● **Extracted material**
──────
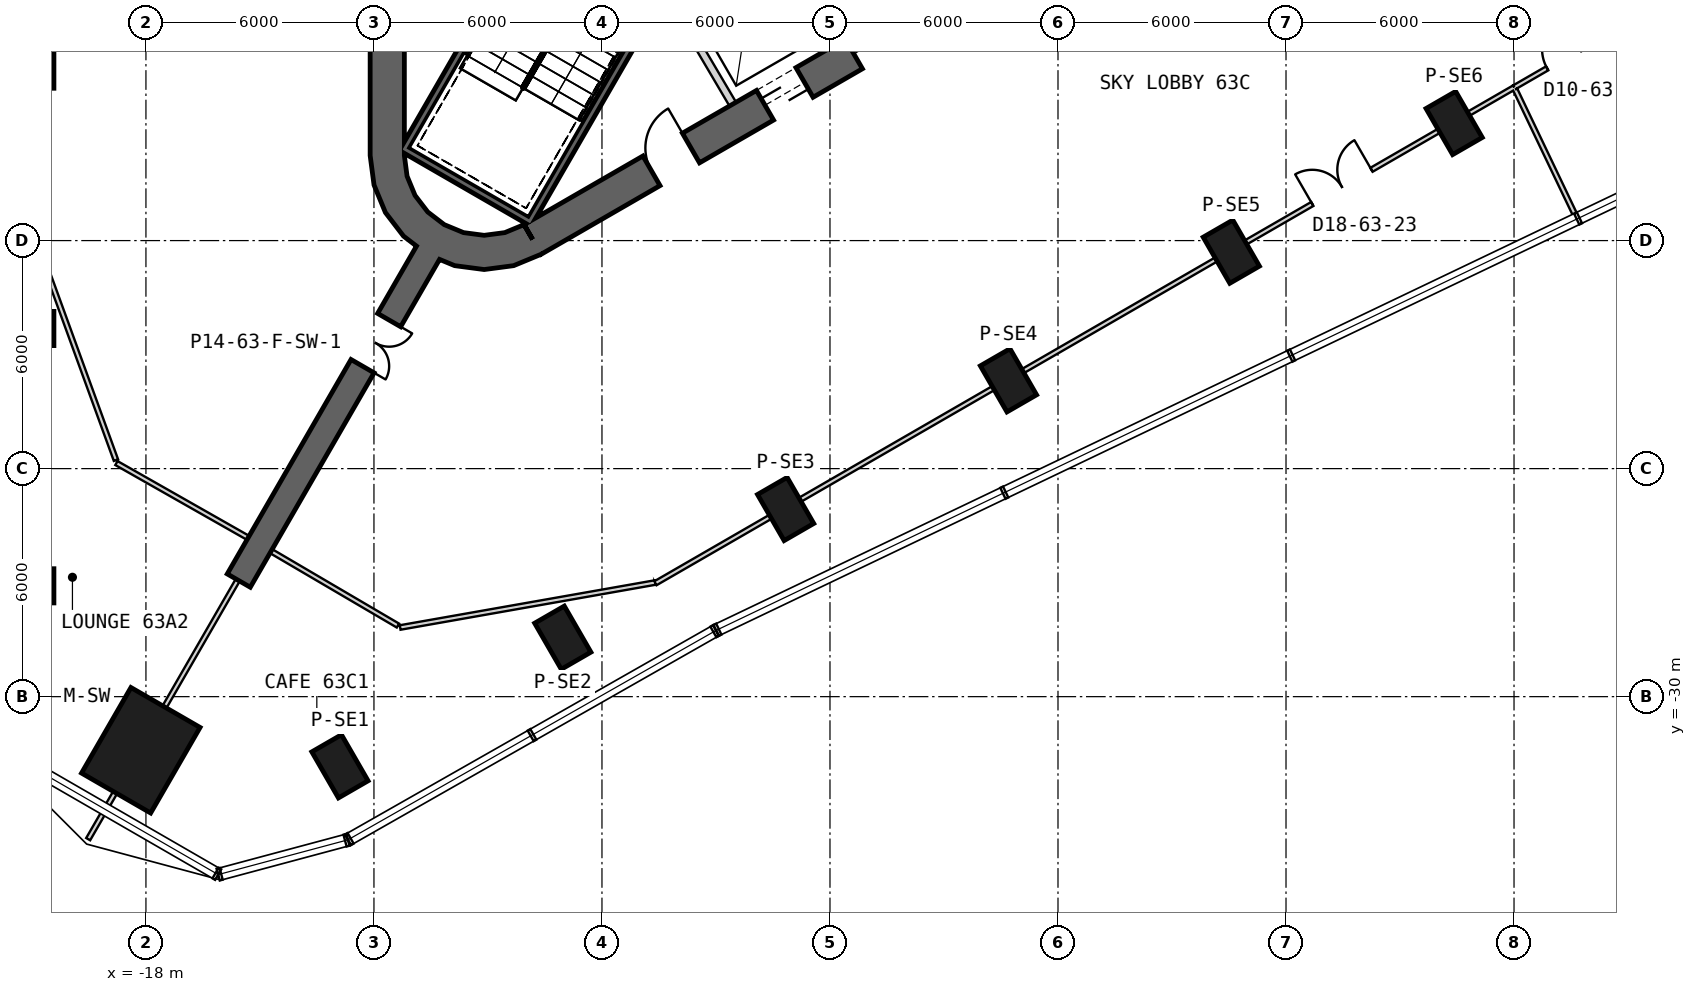
"""IFC4 building model, lengths in metres.
Left out: names, types, materials, properties, quantities, classifications, styles, units other than length and angle.
Written with IfcOpenShell. Run it as: python <this file> out.ifc"""

import sys

from ifc_helpers import new_model, si_unit, direction, frame, frame_2d, origin, origin_2d, place, context, subcontext, project, spatial, polyline, rectangle, outline, extrude, element, fill, save


model = new_model("IFC4")
c1 = context("Model", 3, precision=1e-05, world=origin(), true_north=direction((0.0, 1.0)))
c2 = subcontext(c1, "Body", "Model", "MODEL_VIEW")
j1 = project(units=[si_unit("LENGTHUNIT", "METRE"), si_unit("PLANEANGLEUNIT", "RADIAN")], contexts=[c1])
p1 = place(None, origin())
s1 = spatial("IfcSite", under=j1, at=p1, CompositionType="ELEMENT")
p2 = place(p1, origin())
s2 = spatial("IfcBuilding", under=s1, at=p2, CompositionType="ELEMENT")
p3 = place(p2, frame((0.0, 0.0, 277.2)))
s3 = spatial("IfcBuildingStorey", under=s2, at=p3, CompositionType="ELEMENT", Elevation=277.2)
p4 = place(p3, frame((-18.135, -31.411, 0.0), z_axis=(0.0, 0.0, 1.0), x_axis=(-0.5, -0.866025403784, 0.0)))
e1 = element("IfcColumn", 1, at=p4, inside=s3, PredefinedType="COLUMN", context=c2, shape_type="SweptSolid", body=[
    extrude(rectangle(XDim=2.6, YDim=2.1, at=origin_2d()), origin(), (0.0, 0.0, 1.0), 6.5),
])
for number, where, z_axis, x_axis in (
    (2, (-21.121, -13.542, 0.0), (0.0, 0.0, 1.0), (-1.0, 0.0, 0.0)),
    (3, (-21.121, -20.313, 0.0), (0.0, 0.0, 1.0), (-1.0, 0.0, 0.0)),
    (4, (-21.121, -27.084, 0.0), (0.0, 0.0, 1.0), (-1.0, 0.0, 0.0)),
    (5, (-12.895, -31.833, 0.0), (0.0, 0.0, 1.0), (0.5, -0.866, 0.0)),
    (6, (-7.031, -28.448, 0.0), (0.0, 0.0, 1.0), (0.5, -0.866, 0.0)),
    (7, (-1.167, -25.063, 0.0), (0.0, 0.0, 1.0), (0.5, -0.866, 0.0)),
    (8, (4.697, -21.677, 0.0), (0.0, 0.0, 1.0), (0.5, -0.866, 0.0)),
    (9, (10.561, -18.292, 0.0), (0.0, 0.0, 1.0), (0.5, -0.866, 0.0)),
    (10, (16.425, -14.906, 0.0), (0.0, 0.0, 1.0), (0.5, -0.866, 0.0)),
):
    element("IfcColumn", number, at=place(p3, frame(where, z_axis=z_axis, x_axis=x_axis)), inside=s3, PredefinedType="COLUMN", context=c2, shape_type="SweptSolid", body=[
        extrude(rectangle(XDim=1.4, YDim=0.9, at=origin_2d()), origin(), (0.0, 0.0, 1.0), 6.5),
    ])
p5 = place(p3, frame((-11.65, 15.762, 0.0), z_axis=(0.0, 0.0, 1.0), x_axis=(0.0, -1.0, 0.0)))
e11 = element("IfcWall", 11, at=p5, inside=s3, PredefinedType="SHEAR", context=c2, shape_type="SweptSolid", body=[
    extrude(rectangle(XDim=31.523, YDim=0.9, at=frame_2d((15.762, 0.0))), origin(), (0.0, 0.0, 1.0), 6.5),
])
p6 = place(p5, frame((7.062, 0.0, 0.0)))
e12 = element("IfcOpeningElement", 12, at=p6, cuts=e11, PredefinedType="OPENING", context=c2, shape_type="SweptSolid", body=[
    extrude(rectangle(XDim=1.2, YDim=2.4, at=frame_2d((0.6, 1.2))), frame((0.0, 0.46, 0.0), z_axis=(0.0, -1.0, 0.0), x_axis=(1.0, 0.0, 0.0)), (0.0, 0.0, 1.0), 0.92),
])
p7 = place(p5, frame((9.762, 0.0, 0.0)))
e13 = element("IfcOpeningElement", 13, at=p7, cuts=e11, PredefinedType="OPENING", context=c2, shape_type="SweptSolid", body=[
    extrude(rectangle(XDim=1.2, YDim=2.4, at=frame_2d((0.6, 1.2))), frame((0.0, 0.46, 0.0), z_axis=(0.0, -1.0, 0.0), x_axis=(1.0, 0.0, 0.0)), (0.0, 0.0, 1.0), 0.92),
])
p8 = place(p5, frame((12.462, 0.0, 0.0)))
e14 = element("IfcOpeningElement", 14, at=p8, cuts=e11, PredefinedType="OPENING", context=c2, shape_type="SweptSolid", body=[
    extrude(rectangle(XDim=1.2, YDim=2.4, at=frame_2d((0.6, 1.2))), frame((0.0, 0.46, 0.0), z_axis=(0.0, -1.0, 0.0), x_axis=(1.0, 0.0, 0.0)), (0.0, 0.0, 1.0), 0.92),
])
p9 = place(p5, frame((15.162, 0.0, 0.0)))
e15 = element("IfcOpeningElement", 15, at=p9, cuts=e11, PredefinedType="OPENING", context=c2, shape_type="SweptSolid", body=[
    extrude(rectangle(XDim=1.2, YDim=2.4, at=frame_2d((0.6, 1.2))), frame((0.0, 0.46, 0.0), z_axis=(0.0, -1.0, 0.0), x_axis=(1.0, 0.0, 0.0)), (0.0, 0.0, 1.0), 0.92),
])
p10 = place(p5, frame((17.862, 0.0, 0.0)))
e16 = element("IfcOpeningElement", 16, at=p10, cuts=e11, PredefinedType="OPENING", context=c2, shape_type="SweptSolid", body=[
    extrude(rectangle(XDim=1.2, YDim=2.4, at=frame_2d((0.6, 1.2))), frame((0.0, 0.46, 0.0), z_axis=(0.0, -1.0, 0.0), x_axis=(1.0, 0.0, 0.0)), (0.0, 0.0, 1.0), 0.92),
])
p11 = place(p5, frame((20.562, 0.0, 0.0)))
e17 = element("IfcOpeningElement", 17, at=p11, cuts=e11, PredefinedType="OPENING", context=c2, shape_type="SweptSolid", body=[
    extrude(rectangle(XDim=1.2, YDim=2.4, at=frame_2d((0.6, 1.2))), frame((0.0, 0.46, 0.0), z_axis=(0.0, -1.0, 0.0), x_axis=(1.0, 0.0, 0.0)), (0.0, 0.0, 1.0), 0.92),
])
p12 = place(p5, frame((23.262, 0.0, 0.0)))
e18 = element("IfcOpeningElement", 18, at=p12, cuts=e11, PredefinedType="OPENING", context=c2, shape_type="SweptSolid", body=[
    extrude(rectangle(XDim=1.2, YDim=2.4, at=frame_2d((0.6, 1.2))), frame((0.0, 0.46, 0.0), z_axis=(0.0, -1.0, 0.0), x_axis=(1.0, 0.0, 0.0)), (0.0, 0.0, 1.0), 0.92),
])
p13 = place(p5, frame((3.612, 0.0, 0.0)))
e19 = element("IfcOpeningElement", 19, at=p13, cuts=e11, PredefinedType="OPENING", context=c2, shape_type="SweptSolid", body=[
    extrude(rectangle(XDim=1.2, YDim=2.4, at=frame_2d((0.6, 1.2))), frame((0.0, 0.46, 0.0), z_axis=(0.0, -1.0, 0.0), x_axis=(1.0, 0.0, 0.0)), (0.0, 0.0, 1.0), 0.92),
])
p14 = place(p5, frame((26.712, 0.0, 0.0)))
e20 = element("IfcOpeningElement", 20, at=p14, cuts=e11, PredefinedType="OPENING", context=c2, shape_type="SweptSolid", body=[
    extrude(rectangle(XDim=1.2, YDim=2.4, at=frame_2d((0.6, 1.2))), frame((0.0, 0.46, 0.0), z_axis=(0.0, -1.0, 0.0), x_axis=(1.0, 0.0, 0.0)), (0.0, 0.0, 1.0), 0.92),
])
p15 = place(p3, frame((-7.825, -17.97, 0.0), z_axis=(0.0, 0.0, 1.0), x_axis=(0.866028369851, 0.499994862586, 0.0)))
e21 = element("IfcWall", 21, at=p15, inside=s3, PredefinedType="SHEAR", context=c2, shape_type="SweptSolid", body=[
    extrude(rectangle(XDim=31.523, YDim=0.9, at=frame_2d((15.762, 0.0))), origin(), (0.0, 0.0, 1.0), 6.5),
])
p16 = place(p15, frame((7.062, 0.0, 0.0)))
e22 = element("IfcOpeningElement", 22, at=p16, cuts=e21, PredefinedType="OPENING", context=c2, shape_type="SweptSolid", body=[
    extrude(rectangle(XDim=1.2, YDim=2.4, at=frame_2d((0.6, 1.2))), frame((0.0, 0.46, 0.0), z_axis=(0.0, -1.0, 0.0), x_axis=(1.0, 0.0, 0.0)), (0.0, 0.0, 1.0), 0.92),
])
p17 = place(p15, frame((9.762, 0.0, 0.0)))
e23 = element("IfcOpeningElement", 23, at=p17, cuts=e21, PredefinedType="OPENING", context=c2, shape_type="SweptSolid", body=[
    extrude(rectangle(XDim=1.2, YDim=2.4, at=frame_2d((0.6, 1.2))), frame((0.0, 0.46, 0.0), z_axis=(0.0, -1.0, 0.0), x_axis=(1.0, 0.0, 0.0)), (0.0, 0.0, 1.0), 0.92),
])
p18 = place(p15, frame((12.462, 0.0, 0.0)))
e24 = element("IfcOpeningElement", 24, at=p18, cuts=e21, PredefinedType="OPENING", context=c2, shape_type="SweptSolid", body=[
    extrude(rectangle(XDim=1.2, YDim=2.4, at=frame_2d((0.6, 1.2))), frame((0.0, 0.46, 0.0), z_axis=(0.0, -1.0, 0.0), x_axis=(1.0, 0.0, 0.0)), (0.0, 0.0, 1.0), 0.92),
])
p19 = place(p15, frame((15.162, 0.0, 0.0)))
e25 = element("IfcOpeningElement", 25, at=p19, cuts=e21, PredefinedType="OPENING", context=c2, shape_type="SweptSolid", body=[
    extrude(rectangle(XDim=1.2, YDim=2.4, at=frame_2d((0.6, 1.2))), frame((0.0, 0.46, 0.0), z_axis=(0.0, -1.0, 0.0), x_axis=(1.0, 0.0, 0.0)), (0.0, 0.0, 1.0), 0.92),
])
p20 = place(p15, frame((17.862, 0.0, 0.0)))
e26 = element("IfcOpeningElement", 26, at=p20, cuts=e21, PredefinedType="OPENING", context=c2, shape_type="SweptSolid", body=[
    extrude(rectangle(XDim=1.2, YDim=2.4, at=frame_2d((0.6, 1.2))), frame((0.0, 0.46, 0.0), z_axis=(0.0, -1.0, 0.0), x_axis=(1.0, 0.0, 0.0)), (0.0, 0.0, 1.0), 0.92),
])
p21 = place(p15, frame((20.562, 0.0, 0.0)))
e27 = element("IfcOpeningElement", 27, at=p21, cuts=e21, PredefinedType="OPENING", context=c2, shape_type="SweptSolid", body=[
    extrude(rectangle(XDim=1.2, YDim=2.4, at=frame_2d((0.6, 1.2))), frame((0.0, 0.46, 0.0), z_axis=(0.0, -1.0, 0.0), x_axis=(1.0, 0.0, 0.0)), (0.0, 0.0, 1.0), 0.92),
])
p22 = place(p15, frame((26.712, 0.0, 0.0)))
e28 = element("IfcOpeningElement", 28, at=p22, cuts=e21, PredefinedType="OPENING", context=c2, shape_type="SweptSolid", body=[
    extrude(rectangle(XDim=1.2, YDim=2.4, at=frame_2d((0.6, 1.2))), frame((0.0, 0.46, 0.0), z_axis=(0.0, -1.0, 0.0), x_axis=(1.0, 0.0, 0.0)), (0.0, 0.0, 1.0), 0.92),
])
p23 = place(p15, frame((3.612, 0.0, 0.0)))
e29 = element("IfcOpeningElement", 29, at=p23, cuts=e21, PredefinedType="OPENING", context=c2, shape_type="SweptSolid", body=[
    extrude(rectangle(XDim=1.2, YDim=2.4, at=frame_2d((0.6, 1.2))), frame((0.0, 0.46, 0.0), z_axis=(0.0, -1.0, 0.0), x_axis=(1.0, 0.0, 0.0)), (0.0, 0.0, 1.0), 0.92),
])
p24 = place(p3, origin())
e30 = element("IfcWall", 30, at=p24, inside=s3, PredefinedType="SHEAR", context=c2, shape_type="SweptSolid", body=[
    extrude(outline(polyline([(-12.1, -15.762), (-11.998, -16.538), (-11.698, -17.262), (-11.221, -17.883), (-10.6, -18.36), (-9.876, -18.659), (-9.1, -18.762), (-8.323, -18.659), (-7.6, -18.36), (-8.05, -17.58), (-8.556, -17.79), (-9.1, -17.862), (-9.644, -17.79), (-10.15, -17.58), (-10.585, -17.247), (-10.919, -16.812), (-11.128, -16.305), (-11.2, -15.762), (-12.1, -15.762)])), origin(), (0.0, 0.0, 1.0), 6.5),
])
p25 = place(p3, frame((-10.575, -18.316, 0.0), z_axis=(0.0, 0.0, 1.0), x_axis=(-0.500007350791, -0.866021159762, 0.0)))
e31 = element("IfcWall", 31, at=p25, inside=s3, PredefinedType="SHEAR", context=c2, shape_type="SweptSolid", body=[
    extrude(rectangle(XDim=9.965, YDim=0.7, at=frame_2d((4.982, 0.0))), origin(), (0.0, 0.0, 1.0), 6.5),
])
p26 = place(p25, frame((2.05, 0.0, 0.0)))
e32 = element("IfcOpeningElement", 32, at=p26, cuts=e31, PredefinedType="OPENING", context=c2, shape_type="SweptSolid", body=[
    extrude(rectangle(XDim=1.4, YDim=2.4, at=frame_2d((0.7, 1.2))), frame((0.0, 0.36, 0.0), z_axis=(0.0, -1.0, 0.0), x_axis=(1.0, 0.0, 0.0)), (0.0, 0.0, 1.0), 0.72),
])
p27 = place(p3, frame((-2.558, -14.409, 0.0), z_axis=(0.0, 0.0, 1.0), x_axis=(-0.507997497166, 0.861358544901, 0.0)))
e33 = element("IfcWall", 33, at=p27, inside=s3, PredefinedType="PLUMBINGWALL", context=c2, shape_type="SweptSolid", body=[
    extrude(rectangle(XDim=3.35, YDim=0.2, at=frame_2d((1.675, 0.0))), origin(), (0.0, 0.0, 1.0), 6.1),
])
p28 = place(p3, frame((-3.905, -10.563, -0.35), z_axis=(0.0, 0.0, 1.0), x_axis=(-0.500012932018, -0.866017937352, 0.0)))
e34 = element("IfcWall", 34, at=p28, inside=s3, PredefinedType="SHEAR", context=c2, shape_type="SweptSolid", body=[
    extrude(rectangle(XDim=8.1, YDim=0.2, at=frame_2d((4.05, 0.0))), origin(), (0.0, 0.0, 1.0), 6.45),
])
p29 = place(p3, frame((-11.282, -15.541, -0.35), z_axis=(0.0, 0.0, 1.0), x_axis=(0.866000483506, -0.500043160704, 0.0)))
e35 = element("IfcWall", 35, at=p29, inside=s3, PredefinedType="SHEAR", context=c2, shape_type="SweptSolid", body=[
    extrude(rectangle(XDim=3.8, YDim=0.2, at=frame_2d((1.9, 0.0))), origin(), (0.0, 0.0, 1.0), 6.45),
])
p30 = place(p3, frame((-7.196, -8.663, -0.35), z_axis=(0.0, 0.0, 1.0), x_axis=(-0.499997992926, -0.866026562566, 0.0)))
e36 = element("IfcWall", 36, at=p30, inside=s3, PredefinedType="SHEAR", context=c2, shape_type="SweptSolid", body=[
    extrude(rectangle(XDim=7.9, YDim=0.2, at=frame_2d((3.95, 0.0))), origin(), (0.0, 0.0, 1.0), 6.45),
])
p31 = place(p3, frame((-18.776, -23.854, 0.0), z_axis=(0.0, 0.0, 1.0), x_axis=(0.869466128771, -0.493992561603, 0.0)))
e37 = element("IfcWall", 37, at=p31, inside=s3, PredefinedType="PARTITIONING", context=c2, shape_type="SweptSolid", body=[
    extrude(rectangle(XDim=3.984, YDim=0.12, at=frame_2d((1.992, 0.0))), origin(), (0.0, 0.0, 1.0), 5.28),
])
p32 = place(p3, frame((-21.121, -17.372, 0.0), z_axis=(0.0, 0.0, 1.0), x_axis=(0.342021948339, -0.939691963813, 0.0)))
e38 = element("IfcWall", 38, at=p32, inside=s3, PredefinedType="PARTITIONING", context=c2, shape_type="SweptSolid", body=[
    extrude(rectangle(XDim=6.818, YDim=0.12, at=frame_2d((3.409, 0.0))), origin(), (0.0, 0.0, 1.0), 5.38),
])
p33 = place(p3, frame((-19.52, -33.75, 0.0), z_axis=(0.0, 0.0, 1.0), x_axis=(0.50006528296, 0.865987709369, 0.0)))
e39 = element("IfcWall", 39, at=p33, inside=s3, PredefinedType="PARTITIONING", context=c2, shape_type="SweptSolid", body=[
    extrude(rectangle(XDim=1.418, YDim=0.12, at=frame_2d((0.709, 0.0))), origin(), (0.0, 0.0, 1.0), 6.1),
])
p34 = place(p3, frame((-17.511, -30.27, 0.0), z_axis=(0.0, 0.0, 1.0), x_axis=(0.499980071345, 0.866036909293, 0.0)))
e40 = element("IfcWall", 40, at=p34, inside=s3, PredefinedType="PARTITIONING", context=c2, shape_type="SweptSolid", body=[
    extrude(rectangle(XDim=3.856, YDim=0.12, at=frame_2d((1.928, 0.0))), origin(), (0.0, 0.0, 1.0), 5.67),
])
p35 = place(p3, frame((-4.595, -27.017, 0.0), z_axis=(0.0, 0.0, 1.0), x_axis=(0.866023879948, 0.500002639353, 0.0)))
e41 = element("IfcWall", 41, at=p35, inside=s3, PredefinedType="PARTITIONING", context=c2, shape_type="SweptSolid", body=[
    extrude(rectangle(XDim=26.097, YDim=0.12, at=frame_2d((13.049, 0.0))), origin(), (0.0, 0.0, 1.0), 6.1),
])
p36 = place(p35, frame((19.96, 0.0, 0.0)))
──────
● **What is expected**
Please copy the line holding "x_axis=(0.866023879948, 0.500002639353, 0.0)))" and all lines after it to the end of the records, exactly, and nothing else.

● **Response to this task**
p35 = place(p3, frame((-4.595, -27.017, 0.0), z_axis=(0.0, 0.0, 1.0), x_axis=(0.866023879948, 0.500002639353, 0.0)))
e41 = element("IfcWall", 41, at=p35, inside=s3, PredefinedType="PARTITIONING", context=c2, shape_type="SweptSolid", body=[
    extrude(rectangle(XDim=26.097, YDim=0.12, at=frame_2d((13.049, 0.0))), origin(), (0.0, 0.0, 1.0), 6.1),
])
p36 = place(p35, frame((19.96, 0.0, 0.0)))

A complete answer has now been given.